Work to be completed: Check each line of the data below for the string "part", then state how many have it and nothing else.

Records for this task:
⟨

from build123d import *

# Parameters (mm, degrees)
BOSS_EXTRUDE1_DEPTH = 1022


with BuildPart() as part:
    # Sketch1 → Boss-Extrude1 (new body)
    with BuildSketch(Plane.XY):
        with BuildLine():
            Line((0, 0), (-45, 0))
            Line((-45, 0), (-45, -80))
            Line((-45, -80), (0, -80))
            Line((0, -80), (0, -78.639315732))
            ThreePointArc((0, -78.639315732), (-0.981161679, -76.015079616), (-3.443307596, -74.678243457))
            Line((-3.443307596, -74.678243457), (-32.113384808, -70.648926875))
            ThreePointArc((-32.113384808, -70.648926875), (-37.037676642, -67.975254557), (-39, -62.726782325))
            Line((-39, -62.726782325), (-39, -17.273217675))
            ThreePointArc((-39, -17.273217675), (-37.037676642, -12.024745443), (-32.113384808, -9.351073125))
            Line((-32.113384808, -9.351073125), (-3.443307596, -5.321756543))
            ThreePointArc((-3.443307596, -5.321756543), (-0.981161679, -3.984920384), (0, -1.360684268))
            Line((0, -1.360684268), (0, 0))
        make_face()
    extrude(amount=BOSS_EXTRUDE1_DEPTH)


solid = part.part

⟩

Answer to this problem: 2